(Beginning of Information)

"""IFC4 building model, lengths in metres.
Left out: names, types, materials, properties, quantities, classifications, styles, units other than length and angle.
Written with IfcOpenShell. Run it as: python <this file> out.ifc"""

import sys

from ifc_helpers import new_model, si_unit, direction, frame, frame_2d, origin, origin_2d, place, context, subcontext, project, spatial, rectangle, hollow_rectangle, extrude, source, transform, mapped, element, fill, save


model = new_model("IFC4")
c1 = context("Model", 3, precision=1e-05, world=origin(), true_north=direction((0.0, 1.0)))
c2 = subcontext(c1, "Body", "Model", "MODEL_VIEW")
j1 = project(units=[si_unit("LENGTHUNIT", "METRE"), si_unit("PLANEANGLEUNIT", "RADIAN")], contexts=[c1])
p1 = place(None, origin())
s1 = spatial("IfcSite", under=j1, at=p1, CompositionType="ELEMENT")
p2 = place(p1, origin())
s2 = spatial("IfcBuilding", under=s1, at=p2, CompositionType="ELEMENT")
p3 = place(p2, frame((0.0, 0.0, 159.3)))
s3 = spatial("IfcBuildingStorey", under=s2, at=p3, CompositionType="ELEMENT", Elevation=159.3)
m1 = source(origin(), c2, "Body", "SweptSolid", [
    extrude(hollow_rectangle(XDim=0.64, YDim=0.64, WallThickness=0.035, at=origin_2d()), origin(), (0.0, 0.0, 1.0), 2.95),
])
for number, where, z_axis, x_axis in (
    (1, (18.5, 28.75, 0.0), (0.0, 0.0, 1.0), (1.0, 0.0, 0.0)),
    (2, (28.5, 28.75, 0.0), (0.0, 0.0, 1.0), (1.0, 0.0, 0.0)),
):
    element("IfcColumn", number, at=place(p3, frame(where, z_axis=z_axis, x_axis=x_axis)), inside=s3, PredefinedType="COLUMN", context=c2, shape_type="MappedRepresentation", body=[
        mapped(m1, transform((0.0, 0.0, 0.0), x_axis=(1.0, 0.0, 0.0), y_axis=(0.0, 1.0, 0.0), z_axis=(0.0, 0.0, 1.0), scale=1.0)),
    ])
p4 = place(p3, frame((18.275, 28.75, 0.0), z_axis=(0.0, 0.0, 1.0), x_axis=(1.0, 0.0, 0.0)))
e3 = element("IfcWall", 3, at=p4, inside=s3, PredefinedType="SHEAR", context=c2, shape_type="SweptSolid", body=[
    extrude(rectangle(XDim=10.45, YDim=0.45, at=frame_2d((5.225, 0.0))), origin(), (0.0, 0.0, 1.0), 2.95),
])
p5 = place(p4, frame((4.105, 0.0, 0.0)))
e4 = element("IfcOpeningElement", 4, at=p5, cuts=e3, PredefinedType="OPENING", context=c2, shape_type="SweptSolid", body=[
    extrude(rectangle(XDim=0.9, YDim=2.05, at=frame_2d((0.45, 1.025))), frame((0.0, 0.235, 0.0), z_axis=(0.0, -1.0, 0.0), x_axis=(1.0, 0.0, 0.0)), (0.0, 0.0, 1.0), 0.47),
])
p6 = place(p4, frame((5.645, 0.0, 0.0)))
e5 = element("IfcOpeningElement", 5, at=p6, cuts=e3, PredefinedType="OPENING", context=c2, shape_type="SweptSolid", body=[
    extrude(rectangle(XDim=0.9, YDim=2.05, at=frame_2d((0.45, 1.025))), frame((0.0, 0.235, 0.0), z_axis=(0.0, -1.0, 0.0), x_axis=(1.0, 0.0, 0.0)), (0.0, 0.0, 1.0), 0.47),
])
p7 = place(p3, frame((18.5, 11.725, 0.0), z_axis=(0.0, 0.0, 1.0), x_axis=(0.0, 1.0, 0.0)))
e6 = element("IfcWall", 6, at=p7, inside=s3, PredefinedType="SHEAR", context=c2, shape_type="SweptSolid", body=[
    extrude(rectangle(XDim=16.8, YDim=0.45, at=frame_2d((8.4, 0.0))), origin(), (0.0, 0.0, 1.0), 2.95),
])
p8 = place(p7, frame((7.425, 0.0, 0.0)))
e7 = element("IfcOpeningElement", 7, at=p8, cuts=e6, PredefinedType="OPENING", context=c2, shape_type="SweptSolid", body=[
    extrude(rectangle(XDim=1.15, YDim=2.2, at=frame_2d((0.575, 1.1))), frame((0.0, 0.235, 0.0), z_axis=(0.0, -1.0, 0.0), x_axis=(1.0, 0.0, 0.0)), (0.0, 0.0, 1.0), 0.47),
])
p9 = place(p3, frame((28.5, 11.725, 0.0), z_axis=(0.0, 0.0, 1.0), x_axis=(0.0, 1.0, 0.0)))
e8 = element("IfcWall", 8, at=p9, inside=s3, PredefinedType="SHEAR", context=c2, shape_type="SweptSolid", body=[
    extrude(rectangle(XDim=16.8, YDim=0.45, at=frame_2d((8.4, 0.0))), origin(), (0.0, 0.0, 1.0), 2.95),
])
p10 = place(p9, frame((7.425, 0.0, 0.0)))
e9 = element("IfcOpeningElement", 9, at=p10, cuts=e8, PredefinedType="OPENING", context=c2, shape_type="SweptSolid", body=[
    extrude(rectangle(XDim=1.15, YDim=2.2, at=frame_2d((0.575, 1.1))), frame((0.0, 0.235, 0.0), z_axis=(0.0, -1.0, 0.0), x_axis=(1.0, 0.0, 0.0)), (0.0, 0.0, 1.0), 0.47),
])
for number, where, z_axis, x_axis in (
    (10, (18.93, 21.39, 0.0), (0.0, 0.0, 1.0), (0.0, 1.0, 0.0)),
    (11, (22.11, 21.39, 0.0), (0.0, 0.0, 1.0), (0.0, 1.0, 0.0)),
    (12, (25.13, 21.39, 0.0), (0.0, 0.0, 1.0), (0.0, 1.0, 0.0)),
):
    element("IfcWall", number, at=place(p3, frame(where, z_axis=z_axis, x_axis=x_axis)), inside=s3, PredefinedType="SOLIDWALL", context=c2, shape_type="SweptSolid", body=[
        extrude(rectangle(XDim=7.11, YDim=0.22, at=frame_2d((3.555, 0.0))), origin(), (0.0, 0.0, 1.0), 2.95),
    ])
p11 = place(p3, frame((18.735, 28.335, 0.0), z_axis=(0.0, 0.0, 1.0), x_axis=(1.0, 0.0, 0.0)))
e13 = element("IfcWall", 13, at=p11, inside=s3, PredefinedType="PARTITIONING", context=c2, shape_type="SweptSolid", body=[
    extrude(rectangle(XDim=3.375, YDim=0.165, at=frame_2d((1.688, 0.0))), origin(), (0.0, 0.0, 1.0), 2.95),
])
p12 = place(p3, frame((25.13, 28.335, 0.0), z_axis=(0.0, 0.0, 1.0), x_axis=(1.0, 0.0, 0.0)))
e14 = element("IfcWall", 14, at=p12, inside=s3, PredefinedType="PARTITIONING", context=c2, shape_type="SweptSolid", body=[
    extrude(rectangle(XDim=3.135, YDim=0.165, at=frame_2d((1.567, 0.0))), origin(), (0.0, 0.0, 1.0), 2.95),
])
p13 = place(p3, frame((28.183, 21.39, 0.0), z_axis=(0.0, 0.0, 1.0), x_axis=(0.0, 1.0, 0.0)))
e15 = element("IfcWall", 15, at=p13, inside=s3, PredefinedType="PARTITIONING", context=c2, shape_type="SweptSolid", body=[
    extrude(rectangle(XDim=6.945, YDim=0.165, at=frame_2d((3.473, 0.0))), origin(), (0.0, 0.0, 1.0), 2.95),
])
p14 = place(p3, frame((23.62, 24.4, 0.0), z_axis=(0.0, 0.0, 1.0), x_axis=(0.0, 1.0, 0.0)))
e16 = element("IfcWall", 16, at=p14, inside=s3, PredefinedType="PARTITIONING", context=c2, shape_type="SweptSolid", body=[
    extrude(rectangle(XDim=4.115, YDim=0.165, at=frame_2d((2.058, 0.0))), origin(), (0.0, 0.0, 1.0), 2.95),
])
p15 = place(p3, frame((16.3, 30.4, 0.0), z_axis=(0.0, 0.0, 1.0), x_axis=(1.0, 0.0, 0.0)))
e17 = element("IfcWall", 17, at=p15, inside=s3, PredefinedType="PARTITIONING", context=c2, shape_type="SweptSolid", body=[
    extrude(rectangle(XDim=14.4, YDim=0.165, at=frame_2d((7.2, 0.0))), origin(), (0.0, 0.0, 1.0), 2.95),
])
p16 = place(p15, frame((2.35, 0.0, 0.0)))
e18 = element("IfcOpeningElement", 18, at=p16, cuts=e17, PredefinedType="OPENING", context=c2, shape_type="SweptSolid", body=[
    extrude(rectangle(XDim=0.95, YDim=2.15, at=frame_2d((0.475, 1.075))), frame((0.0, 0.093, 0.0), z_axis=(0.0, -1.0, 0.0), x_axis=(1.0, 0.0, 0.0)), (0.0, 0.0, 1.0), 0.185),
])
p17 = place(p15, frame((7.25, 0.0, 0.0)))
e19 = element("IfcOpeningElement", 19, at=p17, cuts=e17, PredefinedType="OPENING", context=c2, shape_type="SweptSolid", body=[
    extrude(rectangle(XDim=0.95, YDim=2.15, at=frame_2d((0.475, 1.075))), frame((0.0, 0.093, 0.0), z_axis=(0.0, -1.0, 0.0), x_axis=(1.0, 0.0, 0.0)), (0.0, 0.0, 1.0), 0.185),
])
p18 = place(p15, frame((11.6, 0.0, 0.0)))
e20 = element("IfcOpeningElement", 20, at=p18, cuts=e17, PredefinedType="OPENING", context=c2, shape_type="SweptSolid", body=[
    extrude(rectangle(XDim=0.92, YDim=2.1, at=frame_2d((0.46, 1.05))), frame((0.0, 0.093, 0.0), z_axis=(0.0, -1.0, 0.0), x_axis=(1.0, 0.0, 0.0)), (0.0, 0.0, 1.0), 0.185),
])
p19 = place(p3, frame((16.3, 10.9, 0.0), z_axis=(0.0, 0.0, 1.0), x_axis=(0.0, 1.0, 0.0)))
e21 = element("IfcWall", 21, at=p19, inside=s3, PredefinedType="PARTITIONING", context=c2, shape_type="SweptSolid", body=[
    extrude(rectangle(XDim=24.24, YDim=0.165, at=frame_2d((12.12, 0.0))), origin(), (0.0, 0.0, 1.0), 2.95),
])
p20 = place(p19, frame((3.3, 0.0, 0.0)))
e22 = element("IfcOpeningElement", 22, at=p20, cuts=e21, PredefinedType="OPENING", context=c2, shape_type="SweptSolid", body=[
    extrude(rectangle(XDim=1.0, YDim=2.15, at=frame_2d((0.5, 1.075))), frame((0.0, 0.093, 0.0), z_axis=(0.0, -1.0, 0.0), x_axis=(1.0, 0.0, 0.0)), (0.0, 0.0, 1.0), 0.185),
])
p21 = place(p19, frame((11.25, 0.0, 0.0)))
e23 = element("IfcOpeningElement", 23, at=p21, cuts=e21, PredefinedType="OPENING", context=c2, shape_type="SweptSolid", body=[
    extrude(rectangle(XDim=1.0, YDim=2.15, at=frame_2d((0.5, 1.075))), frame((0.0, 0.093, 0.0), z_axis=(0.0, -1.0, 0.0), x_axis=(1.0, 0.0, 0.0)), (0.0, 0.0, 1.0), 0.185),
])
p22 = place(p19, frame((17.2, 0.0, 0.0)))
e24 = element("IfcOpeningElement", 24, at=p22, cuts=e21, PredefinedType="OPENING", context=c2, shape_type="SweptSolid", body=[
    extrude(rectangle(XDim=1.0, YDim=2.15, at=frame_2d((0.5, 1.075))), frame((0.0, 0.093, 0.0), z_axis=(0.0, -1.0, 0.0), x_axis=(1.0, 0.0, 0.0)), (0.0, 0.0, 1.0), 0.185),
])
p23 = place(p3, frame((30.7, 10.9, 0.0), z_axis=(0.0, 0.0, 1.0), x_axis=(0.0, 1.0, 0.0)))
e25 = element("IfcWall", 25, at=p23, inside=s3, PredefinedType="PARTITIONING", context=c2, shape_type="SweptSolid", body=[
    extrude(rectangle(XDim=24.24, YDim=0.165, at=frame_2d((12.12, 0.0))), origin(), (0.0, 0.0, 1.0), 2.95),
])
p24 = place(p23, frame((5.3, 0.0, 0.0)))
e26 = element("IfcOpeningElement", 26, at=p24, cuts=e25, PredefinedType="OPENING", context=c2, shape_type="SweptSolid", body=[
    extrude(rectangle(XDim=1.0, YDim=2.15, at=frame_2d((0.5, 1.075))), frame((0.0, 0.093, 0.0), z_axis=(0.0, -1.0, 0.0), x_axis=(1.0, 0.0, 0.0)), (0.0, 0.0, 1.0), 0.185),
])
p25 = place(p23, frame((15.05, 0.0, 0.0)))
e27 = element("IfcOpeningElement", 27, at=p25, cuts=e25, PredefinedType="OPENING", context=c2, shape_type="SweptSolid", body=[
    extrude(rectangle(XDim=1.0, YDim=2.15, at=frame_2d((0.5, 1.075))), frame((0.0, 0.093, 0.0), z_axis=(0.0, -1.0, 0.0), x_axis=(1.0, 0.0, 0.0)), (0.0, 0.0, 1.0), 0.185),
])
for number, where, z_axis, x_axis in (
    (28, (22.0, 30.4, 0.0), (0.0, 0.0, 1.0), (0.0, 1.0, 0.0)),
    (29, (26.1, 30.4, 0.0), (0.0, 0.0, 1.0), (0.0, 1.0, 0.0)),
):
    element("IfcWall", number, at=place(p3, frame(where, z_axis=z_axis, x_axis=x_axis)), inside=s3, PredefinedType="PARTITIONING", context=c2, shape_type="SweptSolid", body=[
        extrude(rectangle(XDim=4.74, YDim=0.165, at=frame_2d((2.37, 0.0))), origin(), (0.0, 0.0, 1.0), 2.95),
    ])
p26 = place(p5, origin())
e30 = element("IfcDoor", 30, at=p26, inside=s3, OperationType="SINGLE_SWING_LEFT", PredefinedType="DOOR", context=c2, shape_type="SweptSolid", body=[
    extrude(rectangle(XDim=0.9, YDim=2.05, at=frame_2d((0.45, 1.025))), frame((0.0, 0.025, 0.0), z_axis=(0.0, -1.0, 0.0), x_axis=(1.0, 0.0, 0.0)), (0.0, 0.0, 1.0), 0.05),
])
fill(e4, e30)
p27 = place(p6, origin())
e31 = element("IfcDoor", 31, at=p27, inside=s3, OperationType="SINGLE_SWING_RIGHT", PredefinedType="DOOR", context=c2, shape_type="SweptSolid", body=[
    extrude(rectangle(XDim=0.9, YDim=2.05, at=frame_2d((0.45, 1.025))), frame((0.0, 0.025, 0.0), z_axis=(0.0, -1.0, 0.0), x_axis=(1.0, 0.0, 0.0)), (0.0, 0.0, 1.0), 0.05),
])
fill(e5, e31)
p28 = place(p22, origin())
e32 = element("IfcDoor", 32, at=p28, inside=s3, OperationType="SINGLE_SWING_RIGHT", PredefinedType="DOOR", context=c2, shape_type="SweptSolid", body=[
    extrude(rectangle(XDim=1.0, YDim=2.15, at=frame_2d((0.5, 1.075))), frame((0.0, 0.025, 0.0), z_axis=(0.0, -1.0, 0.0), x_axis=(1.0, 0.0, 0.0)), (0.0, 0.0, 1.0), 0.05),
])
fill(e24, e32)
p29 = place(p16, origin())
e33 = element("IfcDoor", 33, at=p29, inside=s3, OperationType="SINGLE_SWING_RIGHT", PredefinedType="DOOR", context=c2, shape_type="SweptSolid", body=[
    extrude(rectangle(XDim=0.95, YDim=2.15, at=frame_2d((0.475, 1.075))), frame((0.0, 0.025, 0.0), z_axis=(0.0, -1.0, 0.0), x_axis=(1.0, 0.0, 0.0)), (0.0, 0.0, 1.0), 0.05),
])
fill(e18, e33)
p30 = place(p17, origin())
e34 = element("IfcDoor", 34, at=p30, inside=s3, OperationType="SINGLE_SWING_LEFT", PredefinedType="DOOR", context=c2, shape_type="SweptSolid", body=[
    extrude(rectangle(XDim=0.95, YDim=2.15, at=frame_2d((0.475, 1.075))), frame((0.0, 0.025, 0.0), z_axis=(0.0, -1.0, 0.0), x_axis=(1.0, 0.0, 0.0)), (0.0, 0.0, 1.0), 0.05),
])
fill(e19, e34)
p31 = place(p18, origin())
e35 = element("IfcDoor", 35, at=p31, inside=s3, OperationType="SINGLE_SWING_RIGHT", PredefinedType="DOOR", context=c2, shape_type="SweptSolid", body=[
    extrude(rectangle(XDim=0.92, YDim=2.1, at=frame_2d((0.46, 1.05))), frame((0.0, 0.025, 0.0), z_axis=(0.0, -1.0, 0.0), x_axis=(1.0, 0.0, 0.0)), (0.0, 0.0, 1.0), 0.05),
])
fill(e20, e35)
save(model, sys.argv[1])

(End of Information)

Return the lines above, from the one containing "p31 = place(p18, origin())" to the end, exactly as they stand.

p31 = place(p18, origin())
e35 = element("IfcDoor", 35, at=p31, inside=s3, OperationType="SINGLE_SWING_RIGHT", PredefinedType="DOOR", context=c2, shape_type="SweptSolid", body=[
    extrude(rectangle(XDim=0.92, YDim=2.1, at=frame_2d((0.46, 1.05))), frame((0.0, 0.025, 0.0), z_axis=(0.0, -1.0, 0.0), x_axis=(1.0, 0.0, 0.0)), (0.0, 0.0, 1.0), 0.05),
])
fill(e20, e35)
save(model, sys.argv[1])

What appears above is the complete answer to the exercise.